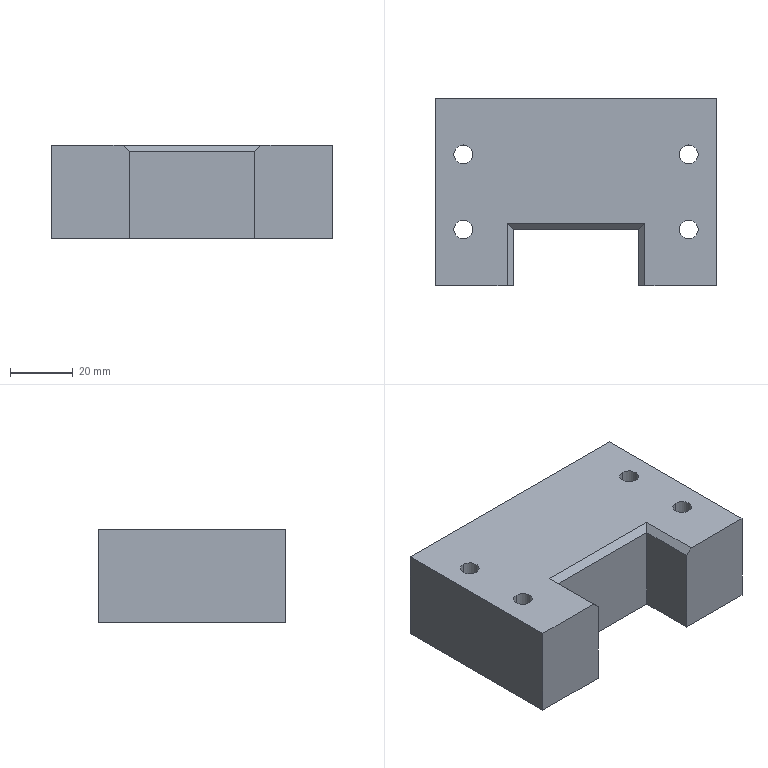Component | SolidWorks | JQ-2-0-006-1 | 1 solid | 29 faces | box 90 x 60 x 30 mm | volume 136495 mm3 | plane 13 | cylinder 12 | cone 4 | commonest cylinder face diameters 6 x8 4.2 x4
build123d program:
from build123d import *

# Parameters (mm, degrees)
SKETCH1_W             = 90
SKETCH1_H             = 30
BOSS_EXTRUDE1_DEPTH   = 60
M5_TAPPED_HOLE1_D     = 4.2
M5_TAPPED_HOLE1_DEPTH = 12.4
M5_TAPPED_HOLE1_TIP   = 1.262
SKETCH5_R             = 3
CUT_EXTRUDE3_DEPTH    = 60
SKETCH6_W             = 40
SKETCH6_H             = 30
CUT_EXTRUDE4_DEPTH    = 18
CHAMFER3_SIZE         = 2


with BuildPart() as part:
    # Sketch1 → Boss-Extrude1 (new body)
    with BuildSketch(Plane.XY):
        with Locations((45, 15)):
            Rectangle(SKETCH1_W, SKETCH1_H)
    extrude(amount=BOSS_EXTRUDE1_DEPTH)

    # M5 Tapped Hole1
    with Locations(Plane(origin=(0, 30, 0), x_dir=(-1, 0, 0), z_dir=(0, 1, 0))):
        with Locations((-25, 30), (-65, 30)):
            Hole(M5_TAPPED_HOLE1_D / 2, depth=M5_TAPPED_HOLE1_DEPTH)
            with Locations((0, 0, -(M5_TAPPED_HOLE1_DEPTH + M5_TAPPED_HOLE1_TIP / 2))):  # 118° drill point
                Cone(0, M5_TAPPED_HOLE1_D / 2, M5_TAPPED_HOLE1_TIP, mode=Mode.SUBTRACT)

    # Sketch5 → Cut-Extrude3 (cut)
    with BuildSketch(Plane(origin=(0, 30, 0), x_dir=(1, 0, 0), z_dir=(0, 1, 0))):
        with Locations(Location((9, -42, 0), (0, 0, 270))):
            Circle(SKETCH5_R)
        with Locations(Location((81, -42, 0), (0, 0, 270))):
            Circle(SKETCH5_R)
        with Locations(Location((81, -18, 0), (0, 0, 270))):
            Circle(SKETCH5_R)
        with Locations(Location((9, -18, 0), (0, 0, 270))):
            Circle(SKETCH5_R)
    extrude(amount=-CUT_EXTRUDE3_DEPTH, mode=Mode.SUBTRACT)

    # Sketch6 → Cut-Extrude4 (cut)
    with BuildSketch(Plane(origin=(0, 0, 0), x_dir=(-1, 0, 0), z_dir=(0, 0, -1))):
        with Locations((-45, 15)):
            Rectangle(SKETCH6_W, SKETCH6_H)
    extrude(amount=-CUT_EXTRUDE4_DEPTH, mode=Mode.SUBTRACT)

    # Chamfer3
    chamfer3_edges = [part.edges().sort_by_distance(p)[0] for p in [
        (45, 0, 18),
        (25, 0, 9),
        (65, 0, 9),
    ]]
    chamfer(chamfer3_edges, length=CHAMFER3_SIZE)


solid = part.part

# Placed as in the assembly
solid = solid.moved(Location((-307.058, -0.6609, 14.131), (-90, 0, 0)))
STEP:
#1=COLOUR_RGB('',0.7922,0.8196,0.9333);
#2=FILL_AREA_STYLE_COLOUR('',#1);
#3=FILL_AREA_STYLE('',(#2));
#4=SURFACE_STYLE_FILL_AREA(#3);
#5=SURFACE_SIDE_STYLE('',(#4));
#6=SURFACE_STYLE_USAGE(.BOTH.,#5);
#7=PRESENTATION_STYLE_ASSIGNMENT((#6));
#8=CARTESIAN_POINT('',(-11.735,0.5645,0.5563));
#9=VERTEX_POINT('',#8);
#10=CARTESIAN_POINT('',(-11.735,0.8008,0.5563));
#11=VERTEX_POINT('',#10);
#12=CARTESIAN_POINT('',(-11.735,0.6826,0.5563));
#13=DIRECTION('',(-0.,0.,-1.));
#14=DIRECTION('',(0.,1.,0.));
#15=AXIS2_PLACEMENT_3D('',#12,#13,#14);
#16=CIRCLE('',#15,0.1181);
#17=EDGE_CURVE('',#9,#11,#16,.T.);
#18=ORIENTED_EDGE('',*,*,#17,.F.);
#19=CARTESIAN_POINT('',(-11.735,0.5645,-0.6248));
#20=VERTEX_POINT('',#19);
#21=CARTESIAN_POINT('',(-11.735,0.5645,1.737));
#22=DIRECTION('',(-0.,0.,-1.));
#23=VECTOR('',#22,39.37);
#24=LINE('',#21,#23);
#25=EDGE_CURVE('',#9,#20,#24,.T.);
#26=ORIENTED_EDGE('',*,*,#25,.T.);
#27=CARTESIAN_POINT('',(-11.735,0.8008,-0.6248));
#28=VERTEX_POINT('',#27);
#29=CARTESIAN_POINT('',(-11.735,0.6826,-0.6248));
#30=DIRECTION('',(-0.,0.,-1.));
#31=DIRECTION('',(0.,1.,0.));
#32=AXIS2_PLACEMENT_3D('',#29,#30,#31);
#33=CIRCLE('',#32,0.1181);
#34=EDGE_CURVE('',#20,#28,#33,.T.);
#35=ORIENTED_EDGE('',*,*,#34,.T.);
#36=CARTESIAN_POINT('',(-11.735,0.8008,1.737));
#37=DIRECTION('',(-0.,0.,-1.));
#38=VECTOR('',#37,39.37);
#39=LINE('',#36,#38);
#40=EDGE_CURVE('',#11,#28,#39,.T.);
#41=ORIENTED_EDGE('',*,*,#40,.F.);
#42=EDGE_LOOP('',(#18,#26,#35,#41));
#43=FACE_OUTER_BOUND('',#42,.T.);
#44=CARTESIAN_POINT('',(-11.735,0.6826,1.737));
#45=DIRECTION('',(-0.,0.,-1.));
#46=DIRECTION('',(0.,1.,0.));
#47=AXIS2_PLACEMENT_3D('',#44,#45,#46);
#48=CYLINDRICAL_SURFACE('',#47,0.1181);
#49=ADVANCED_FACE('',(#43),#48,.F.);
#50=CARTESIAN_POINT('',(-8.9,0.5645,0.5563));
#51=VERTEX_POINT('',#50);
#52=CARTESIAN_POINT('',(-8.9,0.8008,0.5563));
#53=VERTEX_POINT('',#52);
#54=CARTESIAN_POINT('',(-8.9,0.6826,0.5563));
#55=DIRECTION('',(-0.,0.,-1.));
#56=DIRECTION('',(0.,1.,0.));
#57=AXIS2_PLACEMENT_3D('',#54,#55,#56);
#58=CIRCLE('',#57,0.1181);
#59=EDGE_CURVE('',#51,#53,#58,.T.);
#60=ORIENTED_EDGE('',*,*,#59,.F.);
#61=CARTESIAN_POINT('',(-8.9,0.5645,-0.6248));
#62=VERTEX_POINT('',#61);
#63=CARTESIAN_POINT('',(-8.9,0.5645,1.737));
#64=DIRECTION('',(-0.,0.,-1.));
#65=VECTOR('',#64,39.37);
#66=LINE('',#63,#65);
#67=EDGE_CURVE('',#51,#62,#66,.T.);
#68=ORIENTED_EDGE('',*,*,#67,.T.);
#69=CARTESIAN_POINT('',(-8.9,0.8008,-0.6248));
#70=VERTEX_POINT('',#69);
#71=CARTESIAN_POINT('',(-8.9,0.6826,-0.6248));
#72=DIRECTION('',(-0.,0.,-1.));
#73=DIRECTION('',(0.,1.,0.));
#74=AXIS2_PLACEMENT_3D('',#71,#72,#73);
#75=CIRCLE('',#74,0.1181);
#76=EDGE_CURVE('',#62,#70,#75,.T.);
#77=ORIENTED_EDGE('',*,*,#76,.T.);
#78=CARTESIAN_POINT('',(-8.9,0.8008,1.737));
#79=DIRECTION('',(-0.,0.,-1.));
#80=VECTOR('',#79,39.37);
#81=LINE('',#78,#80);
#82=EDGE_CURVE('',#53,#70,#81,.T.);
#83=ORIENTED_EDGE('',*,*,#82,.F.);
#84=EDGE_LOOP('',(#60,#68,#77,#83));
#85=FACE_OUTER_BOUND('',#84,.T.);
#86=CARTESIAN_POINT('',(-8.9,0.6826,1.737));
#87=DIRECTION('',(-0.,0.,-1.));
#88=DIRECTION('',(0.,1.,0.));
#89=AXIS2_PLACEMENT_3D('',#86,#87,#88);
#90=CYLINDRICAL_SURFACE('',#89,0.1181);
#91=ADVANCED_FACE('',(#85),#90,.F.);
#92=CARTESIAN_POINT('',(-8.9,1.509,0.5563));
#93=VERTEX_POINT('',#92);
#94=CARTESIAN_POINT('',(-8.9,1.746,0.5563));
#95=VERTEX_POINT('',#94);
#96=CARTESIAN_POINT('',(-8.9,1.628,0.5563));
#97=DIRECTION('',(-0.,0.,-1.));
#98=DIRECTION('',(0.,1.,0.));
#99=AXIS2_PLACEMENT_3D('',#96,#97,#98);
#100=CIRCLE('',#99,0.1181);
#101=EDGE_CURVE('',#93,#95,#100,.T.);
#102=ORIENTED_EDGE('',*,*,#101,.F.);
#103=CARTESIAN_POINT('',(-8.9,1.509,-0.6248));
#104=VERTEX_POINT('',#103);
#105=CARTESIAN_POINT('',(-8.9,1.509,1.737));
#106=DIRECTION('',(-0.,0.,-1.));
#107=VECTOR('',#106,39.37);
#108=LINE('',#105,#107);
#109=EDGE_CURVE('',#93,#104,#108,.T.);
#110=ORIENTED_EDGE('',*,*,#109,.T.);
#111=CARTESIAN_POINT('',(-8.9,1.746,-0.6248));
#112=VERTEX_POINT('',#111);
#113=CARTESIAN_POINT('',(-8.9,1.628,-0.6248));
#114=DIRECTION('',(-0.,0.,-1.));
#115=DIRECTION('',(0.,1.,0.));
#116=AXIS2_PLACEMENT_3D('',#113,#114,#115);
#117=CIRCLE('',#116,0.1181);
#118=EDGE_CURVE('',#104,#112,#117,.T.);
#119=ORIENTED_EDGE('',*,*,#118,.T.);
#120=CARTESIAN_POINT('',(-8.9,1.746,1.737));
#121=DIRECTION('',(-0.,0.,-1.));
#122=VECTOR('',#121,39.37);
#123=LINE('',#120,#122);
#124=EDGE_CURVE('',#95,#112,#123,.T.);
#125=ORIENTED_EDGE('',*,*,#124,.F.);
#126=EDGE_LOOP('',(#102,#110,#119,#125));
#127=FACE_OUTER_BOUND('',#126,.T.);
#128=CARTESIAN_POINT('',(-8.9,1.628,1.737));
#129=DIRECTION('',(-0.,0.,-1.));
#130=DIRECTION('',(0.,1.,0.));
#131=AXIS2_PLACEMENT_3D('',#128,#129,#130);
#132=CYLINDRICAL_SURFACE('',#131,0.1181);
#133=ADVANCED_FACE('',(#127),#132,.F.);
#134=CARTESIAN_POINT('',(-11.735,1.509,0.5563));
#135=VERTEX_POINT('',#134);
#136=CARTESIAN_POINT('',(-11.735,1.746,0.5563));
#137=VERTEX_POINT('',#136);
#138=CARTESIAN_POINT('',(-11.735,1.628,0.5563));
#139=DIRECTION('',(-0.,0.,-1.));
#140=DIRECTION('',(0.,1.,0.));
#141=AXIS2_PLACEMENT_3D('',#138,#139,#140);
#142=CIRCLE('',#141,0.1181);
#143=EDGE_CURVE('',#135,#137,#142,.T.);
#144=ORIENTED_EDGE('',*,*,#143,.F.);
#145=CARTESIAN_POINT('',(-11.735,1.509,-0.6248));
#146=VERTEX_POINT('',#145);
#147=CARTESIAN_POINT('',(-11.735,1.509,1.737));
#148=DIRECTION('',(-0.,0.,-1.));
#149=VECTOR('',#148,39.37);
#150=LINE('',#147,#149);
#151=EDGE_CURVE('',#135,#146,#150,.T.);
#152=ORIENTED_EDGE('',*,*,#151,.T.);
#153=CARTESIAN_POINT('',(-11.735,1.746,-0.6248));
#154=VERTEX_POINT('',#153);
#155=CARTESIAN_POINT('',(-11.735,1.628,-0.6248));
#156=DIRECTION('',(-0.,0.,-1.));
#157=DIRECTION('',(0.,1.,0.));
#158=AXIS2_PLACEMENT_3D('',#155,#156,#157);
#159=CIRCLE('',#158,0.1181);
#160=EDGE_CURVE('',#146,#154,#159,.T.);
#161=ORIENTED_EDGE('',*,*,#160,.T.);
#162=CARTESIAN_POINT('',(-11.735,1.746,1.737));
#163=DIRECTION('',(-0.,0.,-1.));
#164=VECTOR('',#163,39.37);
#165=LINE('',#162,#164);
#166=EDGE_CURVE('',#137,#154,#165,.T.);
#167=ORIENTED_EDGE('',*,*,#166,.F.);
#168=EDGE_LOOP('',(#144,#152,#161,#167));
#169=FACE_OUTER_BOUND('',#168,.T.);
#170=CARTESIAN_POINT('',(-11.735,1.628,1.737));
#171=DIRECTION('',(-0.,0.,-1.));
#172=DIRECTION('',(0.,1.,0.));
#173=AXIS2_PLACEMENT_3D('',#170,#171,#172);
#174=CYLINDRICAL_SURFACE('',#173,0.1181);
#175=ADVANCED_FACE('',(#169),#174,.F.);
#176=CARTESIAN_POINT('',(-11.105,1.072,-0.1366));
#177=VERTEX_POINT('',#176);
#178=CARTESIAN_POINT('',(-11.105,1.238,-0.1366));
#179=VERTEX_POINT('',#178);
#180=CARTESIAN_POINT('',(-11.105,1.155,-0.1366));
#181=DIRECTION('',(-0.,0.,-1.));
#182=DIRECTION('',(0.,1.,0.));
#183=AXIS2_PLACEMENT_3D('',#180,#181,#182);
#184=CIRCLE('',#183,0.08268);
#185=EDGE_CURVE('',#177,#179,#184,.T.);
#186=ORIENTED_EDGE('',*,*,#185,.F.);
#187=CARTESIAN_POINT('',(-11.105,1.072,-0.6248));
#188=VERTEX_POINT('',#187);
#189=CARTESIAN_POINT('',(-11.105,1.072,-0.6248));
#190=DIRECTION('',(-0.,0.,-1.));
#191=VECTOR('',#190,39.37);
#192=LINE('',#189,#191);
#193=EDGE_CURVE('',#177,#188,#192,.T.);
#194=ORIENTED_EDGE('',*,*,#193,.T.);
#195=CARTESIAN_POINT('',(-11.105,1.238,-0.6248));
#196=VERTEX_POINT('',#195);
#197=CARTESIAN_POINT('',(-11.105,1.155,-0.6248));
#198=DIRECTION('',(-0.,0.,-1.));
#199=DIRECTION('',(0.,1.,0.));
#200=AXIS2_PLACEMENT_3D('',#197,#198,#199);
#201=CIRCLE('',#200,0.08268);
#202=EDGE_CURVE('',#188,#196,#201,.T.);
#203=ORIENTED_EDGE('',*,*,#202,.T.);
#204=CARTESIAN_POINT('',(-11.105,1.238,-0.6248));
#205=DIRECTION('',(-0.,0.,-1.));
#206=VECTOR('',#205,39.37);
#207=LINE('',#204,#206);
#208=EDGE_CURVE('',#179,#196,#207,.T.);
#209=ORIENTED_EDGE('',*,*,#208,.F.);
#210=EDGE_LOOP('',(#186,#194,#203,#209));
#211=FACE_OUTER_BOUND('',#210,.T.);
#212=CARTESIAN_POINT('',(-11.105,1.155,-0.6248));
#213=DIRECTION('',(-0.,0.,-1.));
#214=DIRECTION('',(0.,1.,0.));
#215=AXIS2_PLACEMENT_3D('',#212,#213,#214);
#216=CYLINDRICAL_SURFACE('',#215,0.08268);
#217=ADVANCED_FACE('',(#211),#216,.F.);
#218=CARTESIAN_POINT('',(-11.105,1.155,-0.0869));
#219=VERTEX_POINT('',#218);
#220=CARTESIAN_POINT('',(-11.105,1.238,-0.1366));
#221=DIRECTION('',(0.,0.8572,-0.515));
#222=VECTOR('',#221,39.37);
#223=LINE('',#220,#222);
#224=EDGE_CURVE('',#219,#179,#223,.T.);
#225=ORIENTED_EDGE('',*,*,#224,.F.);
#226=CARTESIAN_POINT('',(-11.105,1.072,-0.1366));
#227=DIRECTION('',(-0.,-0.8572,-0.515));
#228=VECTOR('',#227,39.37);
#229=LINE('',#226,#228);
#230=EDGE_CURVE('',#219,#177,#229,.T.);
#231=ORIENTED_EDGE('',*,*,#230,.T.);
#232=ORIENTED_EDGE('',*,*,#185,.T.);
#233=EDGE_LOOP('',(#225,#231,#232));
#234=FACE_OUTER_BOUND('',#233,.T.);
#235=CARTESIAN_POINT('',(-11.105,1.155,-0.1366));
#236=DIRECTION('',(-0.,0.,-1.));
#237=DIRECTION('',(0.,1.,0.));
#238=AXIS2_PLACEMENT_3D('',#235,#236,#237);
#239=CONICAL_SURFACE('',#238,0.08268,1.03);
#240=ADVANCED_FACE('',(#234),#239,.F.);
#241=CARTESIAN_POINT('',(-9.53,1.072,-0.1366));
#242=VERTEX_POINT('',#241);
#243=CARTESIAN_POINT('',(-9.53,1.238,-0.1366));
#244=VERTEX_POINT('',#243);
#245=CARTESIAN_POINT('',(-9.53,1.155,-0.1366));
#246=DIRECTION('',(-0.,0.,-1.));
#247=DIRECTION('',(0.,1.,0.));
#248=AXIS2_PLACEMENT_3D('',#245,#246,#247);
#249=CIRCLE('',#248,0.08268);
#250=EDGE_CURVE('',#242,#244,#249,.T.);
#251=ORIENTED_EDGE('',*,*,#250,.F.);
#252=CARTESIAN_POINT('',(-9.53,1.072,-0.6248));
#253=VERTEX_POINT('',#252);
#254=CARTESIAN_POINT('',(-9.53,1.072,-0.6248));
#255=DIRECTION('',(-0.,0.,-1.));
#256=VECTOR('',#255,39.37);
#257=LINE('',#254,#256);
#258=EDGE_CURVE('',#242,#253,#257,.T.);
#259=ORIENTED_EDGE('',*,*,#258,.T.);
#260=CARTESIAN_POINT('',(-9.53,1.238,-0.6248));
#261=VERTEX_POINT('',#260);
#262=CARTESIAN_POINT('',(-9.53,1.155,-0.6248));
#263=DIRECTION('',(-0.,0.,-1.));
#264=DIRECTION('',(0.,1.,0.));
#265=AXIS2_PLACEMENT_3D('',#262,#263,#264);
#266=CIRCLE('',#265,0.08268);
#267=EDGE_CURVE('',#253,#261,#266,.T.);
#268=ORIENTED_EDGE('',*,*,#267,.T.);
#269=CARTESIAN_POINT('',(-9.53,1.238,-0.6248));
#270=DIRECTION('',(-0.,0.,-1.));
#271=VECTOR('',#270,39.37);
#272=LINE('',#269,#271);
#273=EDGE_CURVE('',#244,#261,#272,.T.);
#274=ORIENTED_EDGE('',*,*,#273,.F.);
#275=EDGE_LOOP('',(#251,#259,#268,#274));
#276=FACE_OUTER_BOUND('',#275,.T.);
#277=CARTESIAN_POINT('',(-9.53,1.155,-0.6248));
#278=DIRECTION('',(-0.,0.,-1.));
#279=DIRECTION('',(0.,1.,0.));
#280=AXIS2_PLACEMENT_3D('',#277,#278,#279);
#281=CYLINDRICAL_SURFACE('',#280,0.08268);
#282=ADVANCED_FACE('',(#276),#281,.F.);
#283=CARTESIAN_POINT('',(-9.53,1.155,-0.0869));
#284=VERTEX_POINT('',#283);
#285=CARTESIAN_POINT('',(-9.53,1.238,-0.1366));
#286=DIRECTION('',(0.,0.8572,-0.515));
#287=VECTOR('',#286,39.37);
#288=LINE('',#285,#287);
#289=EDGE_CURVE('',#284,#244,#288,.T.);
#290=ORIENTED_EDGE('',*,*,#289,.F.);
#291=CARTESIAN_POINT('',(-9.53,1.072,-0.1366));
#292=DIRECTION('',(-0.,-0.8572,-0.515));
#293=VECTOR('',#292,39.37);
#294=LINE('',#291,#293);
#295=EDGE_CURVE('',#284,#242,#294,.T.);
#296=ORIENTED_EDGE('',*,*,#295,.T.);
#297=ORIENTED_EDGE('',*,*,#250,.T.);
#298=EDGE_LOOP('',(#290,#296,#297));
#299=FACE_OUTER_BOUND('',#298,.T.);
#300=CARTESIAN_POINT('',(-9.53,1.155,-0.1366));
#301=DIRECTION('',(-0.,0.,-1.));
#302=DIRECTION('',(0.,1.,0.));
#303=AXIS2_PLACEMENT_3D('',#300,#301,#302);
#304=CONICAL_SURFACE('',#303,0.08268,1.03);
#305=ADVANCED_FACE('',(#299),#304,.F.);
#306=CARTESIAN_POINT('',(-11.105,-0.02602,0.4776));
#307=VERTEX_POINT('',#306);
#308=CARTESIAN_POINT('',(-11.105,-0.02602,-0.6248));
#309=VERTEX_POINT('',#308);
#310=CARTESIAN_POINT('',(-11.105,-0.02602,0.5563));
#311=DIRECTION('',(-0.,0.,-1.));
#312=VECTOR('',#311,39.37);
#313=LINE('',#310,#312);
#314=EDGE_CURVE('',#307,#309,#313,.T.);
#315=ORIENTED_EDGE('',*,*,#314,.F.);
#316=CARTESIAN_POINT('',(-11.183,-0.02602,0.5563));
#317=VERTEX_POINT('',#316);
#318=CARTESIAN_POINT('',(-11.046,-0.02602,0.4185));
#319=DIRECTION('',(-0.7071,0.,0.7071));
#320=VECTOR('',#319,39.37);
#321=LINE('',#318,#320);
#322=EDGE_CURVE('',#307,#317,#321,.T.);
#323=ORIENTED_EDGE('',*,*,#322,.T.);
#324=CARTESIAN_POINT('',(-12.089,-0.02602,0.5563));
#325=VERTEX_POINT('',#324);
#326=CARTESIAN_POINT('',(-12.089,-0.02602,0.5563));
#327=DIRECTION('',(1.,-0.,-0.));
#328=VECTOR('',#327,39.37);
#329=LINE('',#326,#328);
#330=EDGE_CURVE('',#325,#317,#329,.T.);
#331=ORIENTED_EDGE('',*,*,#330,.F.);
#332=CARTESIAN_POINT('',(-12.089,-0.02602,-0.6248));
#333=VERTEX_POINT('',#332);
#334=CARTESIAN_POINT('',(-12.089,-0.02602,0.5563));
#335=DIRECTION('',(0.,-0.,1.));
#336=VECTOR('',#335,39.37);
#337=LINE('',#334,#336);
#338=EDGE_CURVE('',#333,#325,#337,.T.);
#339=ORIENTED_EDGE('',*,*,#338,.F.);
#340=CARTESIAN_POINT('',(-12.089,-0.02602,-0.6248));
#341=DIRECTION('',(-1.,0.,0.));
#342=VECTOR('',#341,39.37);
#343=LINE('',#340,#342);
#344=EDGE_CURVE('',#309,#333,#343,.T.);
#345=ORIENTED_EDGE('',*,*,#344,.F.);
#346=EDGE_LOOP('',(#315,#323,#331,#339,#345));
#347=FACE_OUTER_BOUND('',#346,.T.);
#348=CARTESIAN_POINT('',(-12.089,-0.02602,-0.6248));
#349=DIRECTION('',(-0.,-1.,-0.));
#350=DIRECTION('',(-1.,0.,0.));
#351=AXIS2_PLACEMENT_3D('',#348,#349,#350);
#352=PLANE('',#351);
#353=ADVANCED_FACE('',(#347),#352,.T.);
#354=ORIENTED_EDGE('',*,*,#338,.T.);
#355=CARTESIAN_POINT('',(-12.089,2.336,0.5563));
#356=VERTEX_POINT('',#355);
#357=CARTESIAN_POINT('',(-12.089,2.336,0.5563));
#358=DIRECTION('',(-0.,-1.,-0.));
#359=VECTOR('',#358,39.37);
#360=LINE('',#357,#359);
#361=EDGE_CURVE('',#356,#325,#360,.T.);
#362=ORIENTED_EDGE('',*,*,#361,.F.);
#363=CARTESIAN_POINT('',(-12.089,2.336,-0.6248));
#364=VERTEX_POINT('',#363);
#365=CARTESIAN_POINT('',(-12.089,2.336,0.5563));
#366=DIRECTION('',(0.,-0.,1.));
#367=VECTOR('',#366,39.37);
#368=LINE('',#365,#367);
#369=EDGE_CURVE('',#364,#356,#368,.T.);
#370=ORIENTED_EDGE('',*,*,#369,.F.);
★ ★ ★ ★
§ **What is being asked**
Repeat, character for character, the lines of the material above from the line with "#314=EDGE_CURVE('',#307,#309,#313,.T.);" through the line with "#353=ADVANCED_FACE('',(#347),#352,.T.);".

§ **Solution for this task**
#314=EDGE_CURVE('',#307,#309,#313,.T.);
#315=ORIENTED_EDGE('',*,*,#314,.F.);
#316=CARTESIAN_POINT('',(-11.183,-0.02602,0.5563));
#317=VERTEX_POINT('',#316);
#318=CARTESIAN_POINT('',(-11.046,-0.02602,0.4185));
#319=DIRECTION('',(-0.7071,0.,0.7071));
#320=VECTOR('',#319,39.37);
#321=LINE('',#318,#320);
#322=EDGE_CURVE('',#307,#317,#321,.T.);
#323=ORIENTED_EDGE('',*,*,#322,.T.);
#324=CARTESIAN_POINT('',(-12.089,-0.02602,0.5563));
#325=VERTEX_POINT('',#324);
#326=CARTESIAN_POINT('',(-12.089,-0.02602,0.5563));
#327=DIRECTION('',(1.,-0.,-0.));
#328=VECTOR('',#327,39.37);
#329=LINE('',#326,#328);
#330=EDGE_CURVE('',#325,#317,#329,.T.);
#331=ORIENTED_EDGE('',*,*,#330,.F.);
#332=CARTESIAN_POINT('',(-12.089,-0.02602,-0.6248));
#333=VERTEX_POINT('',#332);
#334=CARTESIAN_POINT('',(-12.089,-0.02602,0.5563));
#335=DIRECTION('',(0.,-0.,1.));
#336=VECTOR('',#335,39.37);
#337=LINE('',#334,#336);
#338=EDGE_CURVE('',#333,#325,#337,.T.);
#339=ORIENTED_EDGE('',*,*,#338,.F.);
#340=CARTESIAN_POINT('',(-12.089,-0.02602,-0.6248));
#341=DIRECTION('',(-1.,0.,0.));
#342=VECTOR('',#341,39.37);
#343=LINE('',#340,#342);
#344=EDGE_CURVE('',#309,#333,#343,.T.);
#345=ORIENTED_EDGE('',*,*,#344,.F.);
#346=EDGE_LOOP('',(#315,#323,#331,#339,#345));
#347=FACE_OUTER_BOUND('',#346,.T.);
#348=CARTESIAN_POINT('',(-12.089,-0.02602,-0.6248));
#349=DIRECTION('',(-0.,-1.,-0.));
#350=DIRECTION('',(-1.,0.,0.));
#351=AXIS2_PLACEMENT_3D('',#348,#349,#350);
#352=PLANE('',#351);
#353=ADVANCED_FACE('',(#347),#352,.T.);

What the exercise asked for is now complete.